### THE TASK
Find every line of the records that has "SOLIDWALL" and return it.

### THE RECORDS
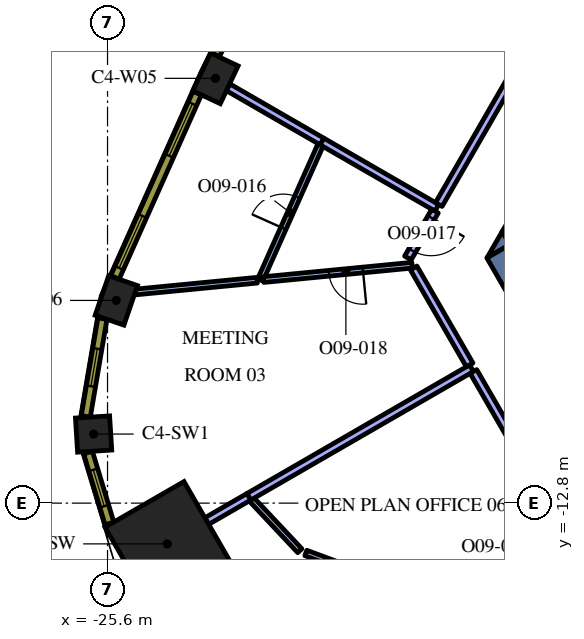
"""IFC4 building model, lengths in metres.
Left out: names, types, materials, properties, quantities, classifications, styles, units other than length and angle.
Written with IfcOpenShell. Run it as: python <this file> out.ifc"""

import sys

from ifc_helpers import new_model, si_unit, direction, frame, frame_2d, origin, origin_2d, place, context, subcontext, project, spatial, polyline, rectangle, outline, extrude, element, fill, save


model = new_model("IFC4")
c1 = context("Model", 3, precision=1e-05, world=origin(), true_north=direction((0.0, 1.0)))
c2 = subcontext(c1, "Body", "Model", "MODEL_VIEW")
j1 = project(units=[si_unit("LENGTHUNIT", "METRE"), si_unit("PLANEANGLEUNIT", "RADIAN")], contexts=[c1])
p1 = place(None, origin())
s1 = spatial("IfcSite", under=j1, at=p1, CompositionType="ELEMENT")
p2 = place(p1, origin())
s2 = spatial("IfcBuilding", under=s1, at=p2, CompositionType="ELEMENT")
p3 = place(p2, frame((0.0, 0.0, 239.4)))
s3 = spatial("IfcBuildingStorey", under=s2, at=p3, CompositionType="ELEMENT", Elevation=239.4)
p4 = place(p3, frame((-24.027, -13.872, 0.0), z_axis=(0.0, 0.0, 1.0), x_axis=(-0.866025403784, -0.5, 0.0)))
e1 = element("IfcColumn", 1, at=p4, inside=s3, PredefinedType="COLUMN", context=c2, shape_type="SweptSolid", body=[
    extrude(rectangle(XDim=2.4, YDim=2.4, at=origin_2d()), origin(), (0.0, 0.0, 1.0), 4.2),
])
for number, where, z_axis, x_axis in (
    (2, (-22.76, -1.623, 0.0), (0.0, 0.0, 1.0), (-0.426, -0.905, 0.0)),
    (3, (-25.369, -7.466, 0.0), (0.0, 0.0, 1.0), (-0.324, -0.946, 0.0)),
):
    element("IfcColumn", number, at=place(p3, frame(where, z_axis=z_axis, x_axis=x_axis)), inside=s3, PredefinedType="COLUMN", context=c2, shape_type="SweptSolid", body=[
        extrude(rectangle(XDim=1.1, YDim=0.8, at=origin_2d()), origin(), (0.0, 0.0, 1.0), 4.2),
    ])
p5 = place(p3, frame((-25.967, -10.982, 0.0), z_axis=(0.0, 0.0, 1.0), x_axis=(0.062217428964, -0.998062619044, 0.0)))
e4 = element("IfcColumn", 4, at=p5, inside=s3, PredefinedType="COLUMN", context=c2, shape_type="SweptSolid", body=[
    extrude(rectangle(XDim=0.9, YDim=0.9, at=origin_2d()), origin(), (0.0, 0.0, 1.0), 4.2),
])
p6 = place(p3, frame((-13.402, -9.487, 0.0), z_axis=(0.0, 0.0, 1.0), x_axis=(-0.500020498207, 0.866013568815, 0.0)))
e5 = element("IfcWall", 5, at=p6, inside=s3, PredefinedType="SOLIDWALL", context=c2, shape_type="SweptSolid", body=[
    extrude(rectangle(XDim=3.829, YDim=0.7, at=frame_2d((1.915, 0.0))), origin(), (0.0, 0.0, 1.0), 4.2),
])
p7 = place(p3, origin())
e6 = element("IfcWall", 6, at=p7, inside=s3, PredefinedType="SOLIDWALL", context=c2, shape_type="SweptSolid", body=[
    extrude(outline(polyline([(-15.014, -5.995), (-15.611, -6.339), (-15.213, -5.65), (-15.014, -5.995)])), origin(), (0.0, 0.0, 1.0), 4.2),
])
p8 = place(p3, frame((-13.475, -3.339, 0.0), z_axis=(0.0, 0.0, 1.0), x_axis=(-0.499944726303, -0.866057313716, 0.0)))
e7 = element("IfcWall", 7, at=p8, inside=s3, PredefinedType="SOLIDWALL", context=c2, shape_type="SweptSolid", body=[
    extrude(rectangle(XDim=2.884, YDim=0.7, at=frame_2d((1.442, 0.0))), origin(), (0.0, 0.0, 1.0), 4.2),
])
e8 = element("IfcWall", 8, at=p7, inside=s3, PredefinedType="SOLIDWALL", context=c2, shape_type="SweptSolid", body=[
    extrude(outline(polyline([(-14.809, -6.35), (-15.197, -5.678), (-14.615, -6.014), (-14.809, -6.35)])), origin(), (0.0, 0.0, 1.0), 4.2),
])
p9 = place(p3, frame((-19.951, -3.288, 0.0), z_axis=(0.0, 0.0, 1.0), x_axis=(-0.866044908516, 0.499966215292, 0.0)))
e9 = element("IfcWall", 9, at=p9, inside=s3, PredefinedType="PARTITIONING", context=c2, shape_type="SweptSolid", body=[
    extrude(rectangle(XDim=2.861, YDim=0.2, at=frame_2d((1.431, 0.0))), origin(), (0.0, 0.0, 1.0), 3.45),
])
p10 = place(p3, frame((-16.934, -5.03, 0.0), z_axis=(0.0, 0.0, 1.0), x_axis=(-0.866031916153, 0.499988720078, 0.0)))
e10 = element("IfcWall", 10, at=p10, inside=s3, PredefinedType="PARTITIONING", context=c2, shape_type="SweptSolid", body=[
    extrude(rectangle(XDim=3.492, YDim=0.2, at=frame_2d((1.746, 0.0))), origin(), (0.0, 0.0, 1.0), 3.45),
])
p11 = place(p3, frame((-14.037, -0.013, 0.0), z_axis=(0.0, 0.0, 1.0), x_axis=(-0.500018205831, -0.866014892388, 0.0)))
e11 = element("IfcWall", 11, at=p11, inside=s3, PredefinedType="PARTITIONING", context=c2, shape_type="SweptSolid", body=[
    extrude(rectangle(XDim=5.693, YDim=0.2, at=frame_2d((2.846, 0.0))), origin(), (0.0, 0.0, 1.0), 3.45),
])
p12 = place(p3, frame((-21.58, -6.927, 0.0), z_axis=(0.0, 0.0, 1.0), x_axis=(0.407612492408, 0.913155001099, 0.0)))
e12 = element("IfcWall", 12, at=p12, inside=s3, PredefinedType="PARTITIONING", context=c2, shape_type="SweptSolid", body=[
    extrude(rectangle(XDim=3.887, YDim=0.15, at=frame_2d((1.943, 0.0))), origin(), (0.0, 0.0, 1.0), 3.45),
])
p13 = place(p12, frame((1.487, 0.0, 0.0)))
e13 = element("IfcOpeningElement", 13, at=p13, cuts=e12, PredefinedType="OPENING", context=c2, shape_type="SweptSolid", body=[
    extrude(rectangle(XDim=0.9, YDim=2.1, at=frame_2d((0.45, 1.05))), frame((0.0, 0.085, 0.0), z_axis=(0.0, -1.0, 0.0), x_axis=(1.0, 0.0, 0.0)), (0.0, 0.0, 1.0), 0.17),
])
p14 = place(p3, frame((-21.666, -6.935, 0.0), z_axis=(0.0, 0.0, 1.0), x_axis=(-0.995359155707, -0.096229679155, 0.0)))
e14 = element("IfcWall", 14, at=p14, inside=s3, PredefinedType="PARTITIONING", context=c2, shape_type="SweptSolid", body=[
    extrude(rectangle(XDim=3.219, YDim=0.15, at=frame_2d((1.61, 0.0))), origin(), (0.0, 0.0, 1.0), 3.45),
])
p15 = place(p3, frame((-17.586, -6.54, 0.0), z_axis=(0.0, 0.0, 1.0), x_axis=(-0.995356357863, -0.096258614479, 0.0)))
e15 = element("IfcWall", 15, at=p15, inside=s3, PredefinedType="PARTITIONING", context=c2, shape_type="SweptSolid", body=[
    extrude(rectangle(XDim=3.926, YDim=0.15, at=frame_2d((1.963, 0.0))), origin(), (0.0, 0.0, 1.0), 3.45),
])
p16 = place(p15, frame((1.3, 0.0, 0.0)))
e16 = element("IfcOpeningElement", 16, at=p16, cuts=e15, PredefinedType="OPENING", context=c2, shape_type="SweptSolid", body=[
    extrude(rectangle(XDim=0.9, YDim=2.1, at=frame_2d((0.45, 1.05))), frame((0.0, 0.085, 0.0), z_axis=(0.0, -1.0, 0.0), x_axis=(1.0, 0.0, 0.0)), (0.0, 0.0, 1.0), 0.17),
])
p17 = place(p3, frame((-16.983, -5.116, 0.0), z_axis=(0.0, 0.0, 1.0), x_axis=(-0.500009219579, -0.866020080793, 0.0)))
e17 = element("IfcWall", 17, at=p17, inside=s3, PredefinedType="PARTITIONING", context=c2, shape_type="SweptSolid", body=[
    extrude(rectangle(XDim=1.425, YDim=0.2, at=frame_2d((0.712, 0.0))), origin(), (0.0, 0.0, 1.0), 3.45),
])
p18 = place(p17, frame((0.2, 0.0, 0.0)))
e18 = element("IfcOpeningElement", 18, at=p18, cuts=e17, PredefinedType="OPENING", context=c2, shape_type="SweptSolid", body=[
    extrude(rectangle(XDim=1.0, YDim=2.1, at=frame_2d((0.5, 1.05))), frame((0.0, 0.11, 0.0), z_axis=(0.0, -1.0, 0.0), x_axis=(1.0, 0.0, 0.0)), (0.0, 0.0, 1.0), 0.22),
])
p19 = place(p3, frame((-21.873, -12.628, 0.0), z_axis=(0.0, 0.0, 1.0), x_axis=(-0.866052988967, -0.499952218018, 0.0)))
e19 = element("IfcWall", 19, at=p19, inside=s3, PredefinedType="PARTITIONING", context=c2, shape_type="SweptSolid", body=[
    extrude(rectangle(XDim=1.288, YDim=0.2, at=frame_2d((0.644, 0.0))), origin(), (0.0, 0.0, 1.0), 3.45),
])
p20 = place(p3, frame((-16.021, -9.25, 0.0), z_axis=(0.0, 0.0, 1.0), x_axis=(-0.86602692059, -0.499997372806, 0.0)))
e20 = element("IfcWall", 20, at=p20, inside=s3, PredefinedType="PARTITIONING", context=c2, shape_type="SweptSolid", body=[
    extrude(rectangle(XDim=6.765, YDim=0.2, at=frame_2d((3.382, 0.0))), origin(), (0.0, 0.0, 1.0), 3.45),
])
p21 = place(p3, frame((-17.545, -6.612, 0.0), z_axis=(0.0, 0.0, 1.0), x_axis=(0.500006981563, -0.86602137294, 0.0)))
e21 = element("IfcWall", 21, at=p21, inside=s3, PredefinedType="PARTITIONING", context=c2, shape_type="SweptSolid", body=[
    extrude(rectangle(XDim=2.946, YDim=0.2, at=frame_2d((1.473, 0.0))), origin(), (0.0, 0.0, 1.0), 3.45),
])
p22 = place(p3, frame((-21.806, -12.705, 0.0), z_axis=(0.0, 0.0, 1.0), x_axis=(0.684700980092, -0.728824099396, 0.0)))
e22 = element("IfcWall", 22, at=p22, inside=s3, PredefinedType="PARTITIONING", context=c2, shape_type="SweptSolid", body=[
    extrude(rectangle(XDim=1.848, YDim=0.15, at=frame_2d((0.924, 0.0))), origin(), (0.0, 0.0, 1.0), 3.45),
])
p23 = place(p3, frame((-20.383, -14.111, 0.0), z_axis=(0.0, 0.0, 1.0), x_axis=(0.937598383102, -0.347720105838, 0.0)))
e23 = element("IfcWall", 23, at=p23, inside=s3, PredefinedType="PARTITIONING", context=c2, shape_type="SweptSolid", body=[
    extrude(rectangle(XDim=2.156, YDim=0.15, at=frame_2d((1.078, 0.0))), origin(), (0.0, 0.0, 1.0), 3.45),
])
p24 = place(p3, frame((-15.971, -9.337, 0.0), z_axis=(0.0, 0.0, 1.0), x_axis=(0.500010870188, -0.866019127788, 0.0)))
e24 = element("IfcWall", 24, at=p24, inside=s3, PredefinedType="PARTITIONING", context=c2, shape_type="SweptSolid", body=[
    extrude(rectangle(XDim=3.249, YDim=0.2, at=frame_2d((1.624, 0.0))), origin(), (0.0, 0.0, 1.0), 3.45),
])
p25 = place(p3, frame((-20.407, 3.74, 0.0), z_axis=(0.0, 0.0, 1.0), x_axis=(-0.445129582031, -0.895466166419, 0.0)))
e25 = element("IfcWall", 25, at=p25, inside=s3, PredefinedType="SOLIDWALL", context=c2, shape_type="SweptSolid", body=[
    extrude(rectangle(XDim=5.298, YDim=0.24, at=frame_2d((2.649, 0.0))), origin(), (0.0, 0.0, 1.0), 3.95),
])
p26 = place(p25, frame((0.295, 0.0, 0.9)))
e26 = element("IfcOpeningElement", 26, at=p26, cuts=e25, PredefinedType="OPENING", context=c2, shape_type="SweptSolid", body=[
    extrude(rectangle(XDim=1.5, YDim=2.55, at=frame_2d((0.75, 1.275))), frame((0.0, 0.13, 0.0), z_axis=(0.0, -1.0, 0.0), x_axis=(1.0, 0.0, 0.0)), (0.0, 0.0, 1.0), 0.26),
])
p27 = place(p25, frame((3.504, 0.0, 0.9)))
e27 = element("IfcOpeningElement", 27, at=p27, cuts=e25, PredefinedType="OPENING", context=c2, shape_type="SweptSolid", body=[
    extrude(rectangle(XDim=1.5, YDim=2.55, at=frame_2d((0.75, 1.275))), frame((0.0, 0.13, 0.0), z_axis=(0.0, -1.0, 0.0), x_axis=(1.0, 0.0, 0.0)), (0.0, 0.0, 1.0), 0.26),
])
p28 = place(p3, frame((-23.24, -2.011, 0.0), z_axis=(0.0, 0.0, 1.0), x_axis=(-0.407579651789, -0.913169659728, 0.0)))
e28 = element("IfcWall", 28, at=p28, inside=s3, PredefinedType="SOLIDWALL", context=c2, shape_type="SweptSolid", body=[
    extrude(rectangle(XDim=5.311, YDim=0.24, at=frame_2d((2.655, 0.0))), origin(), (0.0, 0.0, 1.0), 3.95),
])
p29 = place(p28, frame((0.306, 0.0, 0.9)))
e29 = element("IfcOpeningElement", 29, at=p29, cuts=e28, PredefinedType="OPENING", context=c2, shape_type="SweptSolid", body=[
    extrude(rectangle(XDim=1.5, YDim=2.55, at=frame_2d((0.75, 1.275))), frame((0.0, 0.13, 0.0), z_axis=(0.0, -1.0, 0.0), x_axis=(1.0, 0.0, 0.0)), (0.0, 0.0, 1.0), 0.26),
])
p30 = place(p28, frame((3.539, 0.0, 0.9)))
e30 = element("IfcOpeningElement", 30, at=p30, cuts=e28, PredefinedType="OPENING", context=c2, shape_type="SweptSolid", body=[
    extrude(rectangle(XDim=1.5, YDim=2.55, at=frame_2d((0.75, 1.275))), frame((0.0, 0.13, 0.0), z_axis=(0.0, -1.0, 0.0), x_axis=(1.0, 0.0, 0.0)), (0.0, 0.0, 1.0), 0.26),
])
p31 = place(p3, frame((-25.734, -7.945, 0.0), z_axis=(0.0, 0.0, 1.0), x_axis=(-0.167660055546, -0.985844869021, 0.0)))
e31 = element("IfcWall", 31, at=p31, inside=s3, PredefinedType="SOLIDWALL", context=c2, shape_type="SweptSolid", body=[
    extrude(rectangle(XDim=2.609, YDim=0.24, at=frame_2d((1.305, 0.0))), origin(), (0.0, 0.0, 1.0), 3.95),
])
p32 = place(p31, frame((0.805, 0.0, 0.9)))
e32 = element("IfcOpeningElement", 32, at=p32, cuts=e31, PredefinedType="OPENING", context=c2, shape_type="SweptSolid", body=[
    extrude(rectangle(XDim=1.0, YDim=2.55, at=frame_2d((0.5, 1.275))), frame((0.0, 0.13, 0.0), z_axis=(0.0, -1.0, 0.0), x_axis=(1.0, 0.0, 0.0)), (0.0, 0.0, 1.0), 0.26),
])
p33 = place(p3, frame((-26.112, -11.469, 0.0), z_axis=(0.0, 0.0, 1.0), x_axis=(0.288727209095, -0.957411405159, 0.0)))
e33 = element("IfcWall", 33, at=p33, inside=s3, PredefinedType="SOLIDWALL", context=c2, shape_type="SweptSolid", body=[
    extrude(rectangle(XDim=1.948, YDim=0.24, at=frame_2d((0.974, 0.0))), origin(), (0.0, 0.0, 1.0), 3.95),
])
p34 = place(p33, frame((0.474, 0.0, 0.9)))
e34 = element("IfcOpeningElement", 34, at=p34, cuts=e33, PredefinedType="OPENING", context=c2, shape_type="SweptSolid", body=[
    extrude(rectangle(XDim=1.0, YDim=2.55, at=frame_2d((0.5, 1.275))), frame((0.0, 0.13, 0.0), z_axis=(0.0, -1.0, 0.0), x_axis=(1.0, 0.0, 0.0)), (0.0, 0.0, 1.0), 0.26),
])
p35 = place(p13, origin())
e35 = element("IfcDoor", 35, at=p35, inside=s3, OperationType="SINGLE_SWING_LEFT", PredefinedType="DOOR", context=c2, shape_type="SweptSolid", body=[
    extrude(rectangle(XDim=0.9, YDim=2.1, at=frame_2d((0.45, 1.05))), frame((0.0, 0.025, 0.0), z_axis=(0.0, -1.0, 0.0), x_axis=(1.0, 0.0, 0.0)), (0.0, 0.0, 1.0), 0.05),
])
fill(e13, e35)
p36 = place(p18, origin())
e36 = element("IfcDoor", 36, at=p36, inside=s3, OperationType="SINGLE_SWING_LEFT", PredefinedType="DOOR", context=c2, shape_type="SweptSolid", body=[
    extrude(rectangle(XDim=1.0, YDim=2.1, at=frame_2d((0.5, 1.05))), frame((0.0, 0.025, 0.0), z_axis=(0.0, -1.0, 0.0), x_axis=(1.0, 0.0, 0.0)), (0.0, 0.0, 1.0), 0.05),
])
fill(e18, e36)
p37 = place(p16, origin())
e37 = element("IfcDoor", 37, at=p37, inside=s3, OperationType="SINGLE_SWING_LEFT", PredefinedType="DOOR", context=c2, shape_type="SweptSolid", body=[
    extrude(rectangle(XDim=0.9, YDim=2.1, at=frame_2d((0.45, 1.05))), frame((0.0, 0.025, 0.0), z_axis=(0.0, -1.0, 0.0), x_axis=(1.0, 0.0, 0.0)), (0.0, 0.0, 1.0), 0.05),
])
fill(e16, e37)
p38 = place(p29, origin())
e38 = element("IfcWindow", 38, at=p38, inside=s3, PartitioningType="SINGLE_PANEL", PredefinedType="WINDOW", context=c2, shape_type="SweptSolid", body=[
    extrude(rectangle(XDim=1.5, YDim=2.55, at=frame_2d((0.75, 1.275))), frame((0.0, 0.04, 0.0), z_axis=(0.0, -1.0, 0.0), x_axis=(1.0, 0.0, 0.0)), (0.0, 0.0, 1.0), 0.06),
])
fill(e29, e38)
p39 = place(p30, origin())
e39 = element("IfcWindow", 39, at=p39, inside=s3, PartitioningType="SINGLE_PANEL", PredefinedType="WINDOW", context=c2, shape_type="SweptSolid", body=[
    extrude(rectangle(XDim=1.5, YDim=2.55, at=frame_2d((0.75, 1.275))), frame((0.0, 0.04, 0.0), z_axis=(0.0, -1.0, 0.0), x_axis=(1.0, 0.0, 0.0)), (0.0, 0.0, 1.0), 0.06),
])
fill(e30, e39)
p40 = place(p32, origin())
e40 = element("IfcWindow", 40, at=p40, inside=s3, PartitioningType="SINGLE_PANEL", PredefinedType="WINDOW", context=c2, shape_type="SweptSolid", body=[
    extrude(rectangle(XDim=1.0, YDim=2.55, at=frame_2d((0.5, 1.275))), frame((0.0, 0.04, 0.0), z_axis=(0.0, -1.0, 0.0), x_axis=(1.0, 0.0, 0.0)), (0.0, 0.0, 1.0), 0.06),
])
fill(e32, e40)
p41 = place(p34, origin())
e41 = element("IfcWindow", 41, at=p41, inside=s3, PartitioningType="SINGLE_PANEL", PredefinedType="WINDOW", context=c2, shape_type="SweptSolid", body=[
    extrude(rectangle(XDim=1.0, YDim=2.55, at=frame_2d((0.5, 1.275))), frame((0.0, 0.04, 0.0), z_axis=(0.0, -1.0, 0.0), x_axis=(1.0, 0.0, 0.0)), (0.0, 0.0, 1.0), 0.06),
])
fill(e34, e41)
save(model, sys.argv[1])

### TASK RESPONSE
e5 = element("IfcWall", 5, at=p6, inside=s3, PredefinedType="SOLIDWALL", context=c2, shape_type="SweptSolid", body=[
e6 = element("IfcWall", 6, at=p7, inside=s3, PredefinedType="SOLIDWALL", context=c2, shape_type="SweptSolid", body=[
e7 = element("IfcWall", 7, at=p8, inside=s3, PredefinedType="SOLIDWALL", context=c2, shape_type="SweptSolid", body=[
e8 = element("IfcWall", 8, at=p7, inside=s3, PredefinedType="SOLIDWALL", context=c2, shape_type="SweptSolid", body=[
e25 = element("IfcWall", 25, at=p25, inside=s3, PredefinedType="SOLIDWALL", context=c2, shape_type="SweptSolid", body=[
e28 = element("IfcWall", 28, at=p28, inside=s3, PredefinedType="SOLIDWALL", context=c2, shape_type="SweptSolid", body=[
e31 = element("IfcWall", 31, at=p31, inside=s3, PredefinedType="SOLIDWALL", context=c2, shape_type="SweptSolid", body=[
e33 = element("IfcWall", 33, at=p33, inside=s3, PredefinedType="SOLIDWALL", context=c2, shape_type="SweptSolid", body=[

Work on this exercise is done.